- **Data to use**:
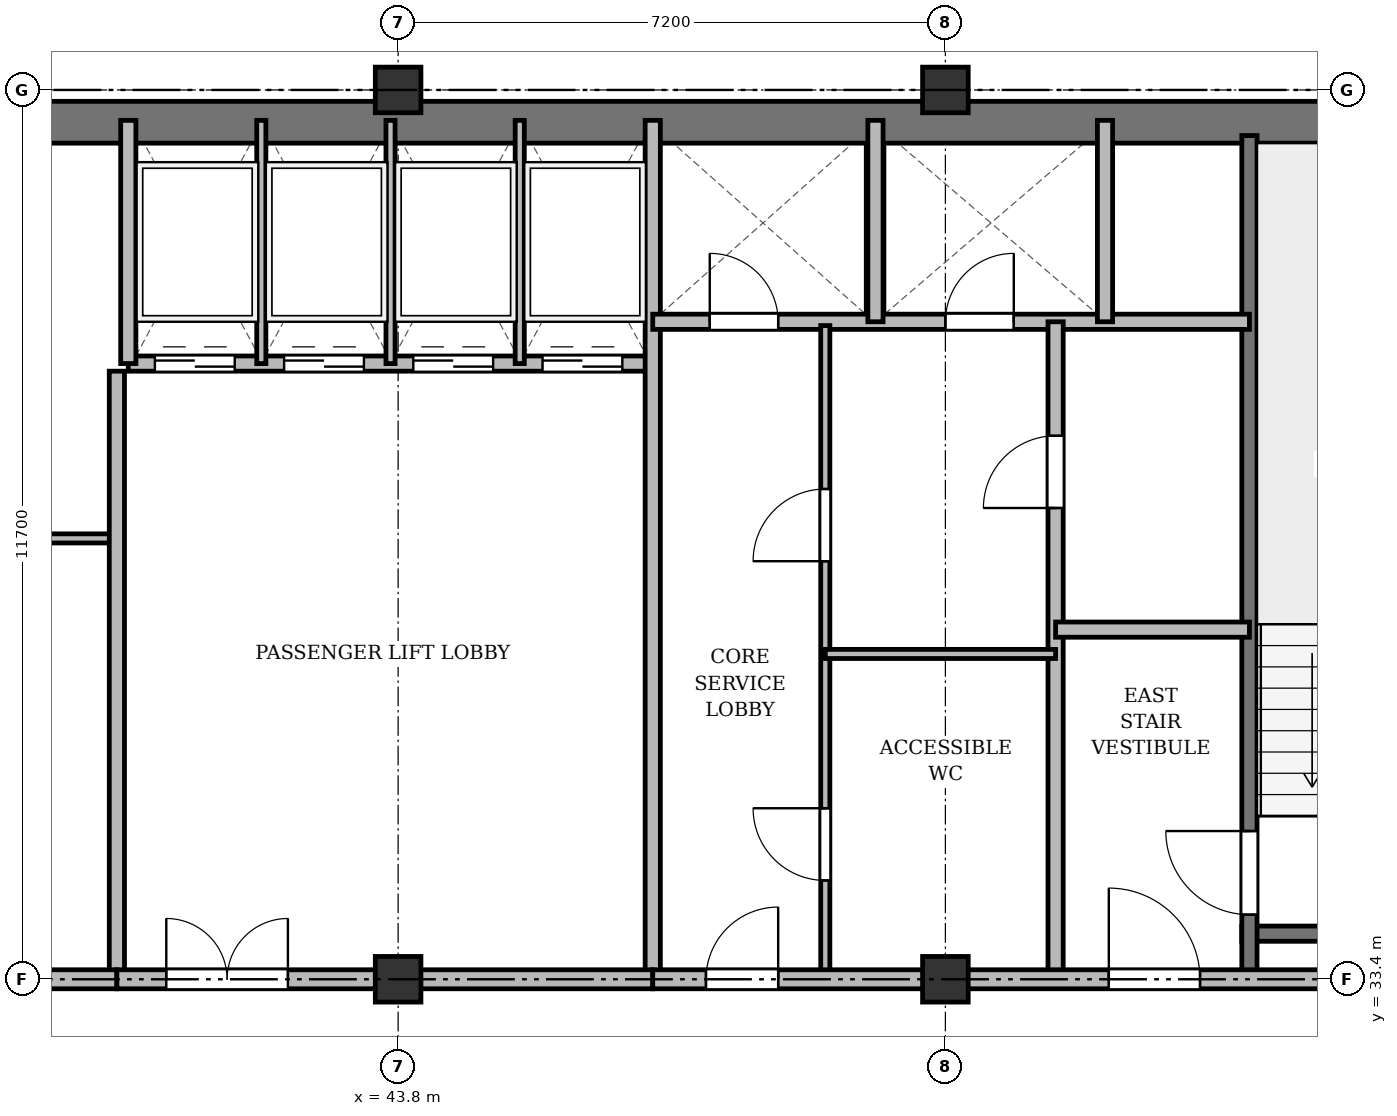
"""IFC4 building model, lengths in metres.
Left out: names, types, materials, properties, quantities, classifications, styles, units other than length and angle.
Written with IfcOpenShell. Run it as: python <this file> out.ifc"""

import sys

from ifc_helpers import new_model, si_unit, direction, frame, frame_2d, origin, origin_2d, place, context, subcontext, project, spatial, rectangle, extrude, source, transform, mapped, element, fill, save


model = new_model("IFC4")
c1 = context("Model", 3, precision=1e-05, world=origin(), true_north=direction((0.0, 1.0)))
c2 = subcontext(c1, "Body", "Model", "MODEL_VIEW")
j1 = project(units=[si_unit("LENGTHUNIT", "METRE"), si_unit("PLANEANGLEUNIT", "RADIAN")], contexts=[c1])
p1 = place(None, origin())
s1 = spatial("IfcSite", under=j1, at=p1, CompositionType="ELEMENT")
p2 = place(p1, origin())
s2 = spatial("IfcBuilding", under=s1, at=p2, CompositionType="ELEMENT")
p3 = place(p2, frame((0.0, 0.0, 266.7)))
s3 = spatial("IfcBuildingStorey", under=s2, at=p3, CompositionType="ELEMENT", Elevation=266.7)
m1 = source(origin(), c2, "Body", "SweptSolid", [
    extrude(rectangle(XDim=0.6, YDim=0.6, at=origin_2d()), origin(), (0.0, 0.0, 1.0), 3.6),
])
for number, where, z_axis, x_axis in (
    (1, (43.8, 33.4, 0.0), (0.0, 0.0, 1.0), (1.0, 0.0, 0.0)),
    (2, (43.8, 45.1, 0.0), (0.0, 0.0, 1.0), (1.0, 0.0, 0.0)),
    (3, (51.0, 33.4, 0.0), (0.0, 0.0, 1.0), (1.0, 0.0, 0.0)),
    (4, (51.0, 45.1, 0.0), (0.0, 0.0, 1.0), (1.0, 0.0, 0.0)),
):
    element("IfcColumn", number, at=place(p3, frame(where, z_axis=z_axis, x_axis=x_axis)), inside=s3, PredefinedType="COLUMN", context=c2, shape_type="MappedRepresentation", body=[
        mapped(m1, transform((0.0, 0.0, 0.0), x_axis=(1.0, 0.0, 0.0), y_axis=(0.0, 1.0, 0.0), z_axis=(0.0, 0.0, 1.0), scale=1.0)),
    ])
p4 = place(p3, frame((15.65, 44.675, 0.0), z_axis=(0.0, 0.0, 1.0), x_axis=(1.0, 0.0, 0.0)))
e5 = element("IfcWall", 5, at=p4, inside=s3, PredefinedType="SHEAR", context=c2, shape_type="SweptSolid", body=[
    extrude(rectangle(XDim=43.1, YDim=0.55, at=frame_2d((21.55, 0.0))), origin(), (0.0, 0.0, 1.0), 3.37),
])
p5 = place(p3, frame((54.9, 34.0, 0.0), z_axis=(0.0, 0.0, 1.0), x_axis=(1.0, 0.0, 0.0)))
e6 = element("IfcWall", 6, at=p5, inside=s3, PredefinedType="SHEAR", context=c2, shape_type="SweptSolid", body=[
    extrude(rectangle(XDim=3.4, YDim=0.2, at=frame_2d((1.7, 0.0))), origin(), (0.0, 0.0, 1.0), 3.37),
])
p6 = place(p3, frame((55.0, 33.4, 0.0), z_axis=(0.0, 0.0, 1.0), x_axis=(0.0, 1.0, 0.0)))
e7 = element("IfcWall", 7, at=p6, inside=s3, PredefinedType="SHEAR", context=c2, shape_type="SweptSolid", body=[
    extrude(rectangle(XDim=11.1, YDim=0.2, at=frame_2d((5.55, 0.0))), origin(), (0.0, 0.0, 1.0), 3.37),
])
p7 = place(p6, frame((0.85, 0.0, 0.0)))
e8 = element("IfcOpeningElement", 8, at=p7, cuts=e7, PredefinedType="OPENING", context=c2, shape_type="SweptSolid", body=[
    extrude(rectangle(XDim=1.1, YDim=2.15, at=frame_2d((0.55, 1.075))), frame((0.0, 0.11, 0.0), z_axis=(0.0, -1.0, 0.0), x_axis=(1.0, 0.0, 0.0)), (0.0, 0.0, 1.0), 0.22),
])
p8 = place(p3, frame((33.3, 39.2, 0.0), z_axis=(0.0, 0.0, 1.0), x_axis=(1.0, 0.0, 0.0)))
e9 = element("IfcWall", 9, at=p8, inside=s3, PredefinedType="PARTITIONING", context=c2, shape_type="SweptSolid", body=[
    extrude(rectangle(XDim=6.8, YDim=0.12, at=frame_2d((3.4, 0.0))), origin(), (0.0, 0.0, 1.0), 3.37),
])
p9 = place(p8, frame((2.6, 0.0, 0.0)))
e10 = element("IfcOpeningElement", 10, at=p9, cuts=e9, PredefinedType="OPENING", context=c2, shape_type="SweptSolid", body=[
    extrude(rectangle(XDim=0.95, YDim=2.15, at=frame_2d((0.475, 1.075))), frame((0.0, 0.07, 0.0), z_axis=(0.0, -1.0, 0.0), x_axis=(1.0, 0.0, 0.0)), (0.0, 0.0, 1.0), 0.14),
])
p10 = place(p3, frame((40.1, 33.4, 0.0), z_axis=(0.0, 0.0, 1.0), x_axis=(0.0, 1.0, 0.0)))
e11 = element("IfcWall", 11, at=p10, inside=s3, PredefinedType="SOLIDWALL", context=c2, shape_type="SweptSolid", body=[
    extrude(rectangle(XDim=8.0, YDim=0.2, at=frame_2d((4.0, 0.0))), origin(), (0.0, 0.0, 1.0), 2.92),
])
p11 = place(p3, frame((40.25, 41.5, 0.0), z_axis=(0.0, 0.0, 1.0), x_axis=(1.0, 0.0, 0.0)))
e12 = element("IfcWall", 12, at=p11, inside=s3, PredefinedType="SOLIDWALL", context=c2, shape_type="SweptSolid", body=[
    extrude(rectangle(XDim=6.9, YDim=0.2, at=frame_2d((3.45, 0.0))), origin(), (0.0, 0.0, 1.0), 3.37),
])
p12 = place(p11, frame((0.35, 0.0, 0.0)))
e13 = element("IfcOpeningElement", 13, at=p12, cuts=e12, PredefinedType="OPENING", context=c2, shape_type="SweptSolid", body=[
    extrude(rectangle(XDim=1.05, YDim=2.15, at=frame_2d((0.525, 1.075))), frame((0.0, 0.11, 0.0), z_axis=(0.0, -1.0, 0.0), x_axis=(1.0, 0.0, 0.0)), (0.0, 0.0, 1.0), 0.22),
])
p13 = place(p11, frame((2.05, 0.0, 0.0)))
e14 = element("IfcOpeningElement", 14, at=p13, cuts=e12, PredefinedType="OPENING", context=c2, shape_type="SweptSolid", body=[
    extrude(rectangle(XDim=1.05, YDim=2.15, at=frame_2d((0.525, 1.075))), frame((0.0, 0.11, 0.0), z_axis=(0.0, -1.0, 0.0), x_axis=(1.0, 0.0, 0.0)), (0.0, 0.0, 1.0), 0.22),
])
p14 = place(p11, frame((3.75, 0.0, 0.0)))
e15 = element("IfcOpeningElement", 15, at=p14, cuts=e12, PredefinedType="OPENING", context=c2, shape_type="SweptSolid", body=[
    extrude(rectangle(XDim=1.05, YDim=2.15, at=frame_2d((0.525, 1.075))), frame((0.0, 0.11, 0.0), z_axis=(0.0, -1.0, 0.0), x_axis=(1.0, 0.0, 0.0)), (0.0, 0.0, 1.0), 0.22),
])
p15 = place(p11, frame((5.45, 0.0, 0.0)))
e16 = element("IfcOpeningElement", 16, at=p15, cuts=e12, PredefinedType="OPENING", context=c2, shape_type="SweptSolid", body=[
    extrude(rectangle(XDim=1.05, YDim=2.15, at=frame_2d((0.525, 1.075))), frame((0.0, 0.11, 0.0), z_axis=(0.0, -1.0, 0.0), x_axis=(1.0, 0.0, 0.0)), (0.0, 0.0, 1.0), 0.22),
])
p16 = place(p3, frame((40.25, 41.5, 0.0), z_axis=(0.0, 0.0, 1.0), x_axis=(0.0, 1.0, 0.0)))
e17 = element("IfcWall", 17, at=p16, inside=s3, PredefinedType="SOLIDWALL", context=c2, shape_type="SweptSolid", body=[
    extrude(rectangle(XDim=3.2, YDim=0.2, at=frame_2d((1.6, 0.0))), origin(), (0.0, 0.0, 1.0), 3.37),
])
for number, where, z_axis, x_axis in (
    (18, (42.0, 41.5, 0.0), (0.0, 0.0, 1.0), (0.0, 1.0, 0.0)),
    (19, (43.7, 41.5, 0.0), (0.0, 0.0, 1.0), (0.0, 1.0, 0.0)),
    (20, (45.4, 41.5, 0.0), (0.0, 0.0, 1.0), (0.0, 1.0, 0.0)),
):
    element("IfcWall", number, at=place(p3, frame(where, z_axis=z_axis, x_axis=x_axis)), inside=s3, PredefinedType="PARTITIONING", context=c2, shape_type="SweptSolid", body=[
        extrude(rectangle(XDim=3.2, YDim=0.12, at=frame_2d((1.6, 0.0))), origin(), (0.0, 0.0, 1.0), 3.37),
    ])
p17 = place(p3, frame((47.15, 33.4, 0.0), z_axis=(0.0, 0.0, 1.0), x_axis=(0.0, 1.0, 0.0)))
e21 = element("IfcWall", 21, at=p17, inside=s3, PredefinedType="SOLIDWALL", context=c2, shape_type="SweptSolid", body=[
    extrude(rectangle(XDim=11.3, YDim=0.2, at=frame_2d((5.65, 0.0))), origin(), (0.0, 0.0, 1.0), 2.92),
])
p18 = place(p3, frame((33.3, 33.4, 0.0), z_axis=(0.0, 0.0, 1.0), x_axis=(1.0, 0.0, 0.0)))
e22 = element("IfcWall", 22, at=p18, inside=s3, PredefinedType="PARTITIONING", context=c2, shape_type="SweptSolid", body=[
    extrude(rectangle(XDim=6.8, YDim=0.25, at=frame_2d((3.4, 0.0))), origin(), (0.0, 0.0, 1.0), 2.92),
])
p19 = place(p18, frame((2.4, 0.0, 0.0)))
e23 = element("IfcOpeningElement", 23, at=p19, cuts=e22, PredefinedType="OPENING", context=c2, shape_type="SweptSolid", body=[
    extrude(rectangle(XDim=1.0, YDim=2.15, at=frame_2d((0.5, 1.075))), frame((0.0, 0.135, 0.0), z_axis=(0.0, -1.0, 0.0), x_axis=(1.0, 0.0, 0.0)), (0.0, 0.0, 1.0), 0.27),
])
p20 = place(p3, frame((40.1, 33.4, 0.0), z_axis=(0.0, 0.0, 1.0), x_axis=(1.0, 0.0, 0.0)))
e24 = element("IfcWall", 24, at=p20, inside=s3, PredefinedType="PARTITIONING", context=c2, shape_type="SweptSolid", body=[
    extrude(rectangle(XDim=7.05, YDim=0.25, at=frame_2d((3.525, 0.0))), origin(), (0.0, 0.0, 1.0), 2.92),
])
p21 = place(p20, frame((0.65, 0.0, 0.0)))
e25 = element("IfcOpeningElement", 25, at=p21, cuts=e24, PredefinedType="OPENING", context=c2, shape_type="SweptSolid", body=[
    extrude(rectangle(XDim=1.6, YDim=2.2, at=frame_2d((0.8, 1.1))), frame((0.0, 0.135, 0.0), z_axis=(0.0, -1.0, 0.0), x_axis=(1.0, 0.0, 0.0)), (0.0, 0.0, 1.0), 0.27),
])
p22 = place(p3, frame((47.15, 42.05, 0.0), z_axis=(0.0, 0.0, 1.0), x_axis=(1.0, 0.0, 0.0)))
e26 = element("IfcWall", 26, at=p22, inside=s3, PredefinedType="SOLIDWALL", context=c2, shape_type="SweptSolid", body=[
    extrude(rectangle(XDim=7.85, YDim=0.2, at=frame_2d((3.925, 0.0))), origin(), (0.0, 0.0, 1.0), 2.87),
])
p23 = place(p22, frame((0.75, 0.0, 0.0)))
e27 = element("IfcOpeningElement", 27, at=p23, cuts=e26, PredefinedType="OPENING", context=c2, shape_type="SweptSolid", body=[
    extrude(rectangle(XDim=0.9, YDim=2.1, at=frame_2d((0.45, 1.05))), frame((0.0, 0.11, 0.0), z_axis=(0.0, -1.0, 0.0), x_axis=(1.0, 0.0, 0.0)), (0.0, 0.0, 1.0), 0.22),
])
p24 = place(p22, frame((3.85, 0.0, 0.0)))
e28 = element("IfcOpeningElement", 28, at=p24, cuts=e26, PredefinedType="OPENING", context=c2, shape_type="SweptSolid", body=[
    extrude(rectangle(XDim=0.9, YDim=2.1, at=frame_2d((0.45, 1.05))), frame((0.0, 0.11, 0.0), z_axis=(0.0, -1.0, 0.0), x_axis=(1.0, 0.0, 0.0)), (0.0, 0.0, 1.0), 0.22),
])
for number, where, z_axis, x_axis in (
    (29, (50.08, 42.05, 0.0), (0.0, 0.0, 1.0), (0.0, 1.0, 0.0)),
    (30, (53.1, 42.05, 0.0), (0.0, 0.0, 1.0), (0.0, 1.0, 0.0)),
):
    element("IfcWall", number, at=place(p3, frame(where, z_axis=z_axis, x_axis=x_axis)), inside=s3, PredefinedType="SOLIDWALL", context=c2, shape_type="SweptSolid", body=[
        extrude(rectangle(XDim=2.65, YDim=0.2, at=frame_2d((1.325, 0.0))), origin(), (0.0, 0.0, 1.0), 3.37),
    ])
p25 = place(p3, frame((52.45, 33.4, 0.0), z_axis=(0.0, 0.0, 1.0), x_axis=(0.0, 1.0, 0.0)))
e31 = element("IfcWall", 31, at=p25, inside=s3, PredefinedType="PARTITIONING", context=c2, shape_type="SweptSolid", body=[
    extrude(rectangle(XDim=8.65, YDim=0.2, at=frame_2d((4.325, 0.0))), origin(), (0.0, 0.0, 1.0), 2.92),
])
p26 = place(p25, frame((6.2, 0.0, 0.0)))
e32 = element("IfcOpeningElement", 32, at=p26, cuts=e31, PredefinedType="OPENING", context=c2, shape_type="SweptSolid", body=[
    extrude(rectangle(XDim=0.95, YDim=2.15, at=frame_2d((0.475, 1.075))), frame((0.0, 0.11, 0.0), z_axis=(0.0, -1.0, 0.0), x_axis=(1.0, 0.0, 0.0)), (0.0, 0.0, 1.0), 0.22),
])
p27 = place(p3, frame((52.45, 38.0, 0.0), z_axis=(0.0, 0.0, 1.0), x_axis=(1.0, 0.0, 0.0)))
e33 = element("IfcWall", 33, at=p27, inside=s3, PredefinedType="PARTITIONING", context=c2, shape_type="SweptSolid", body=[
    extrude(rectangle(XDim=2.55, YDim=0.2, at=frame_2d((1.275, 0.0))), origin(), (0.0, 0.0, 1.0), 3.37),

- **The problem**:
In the entries above, how many lines hold "source"? Answer with the number alone.

- **Answer box**:
2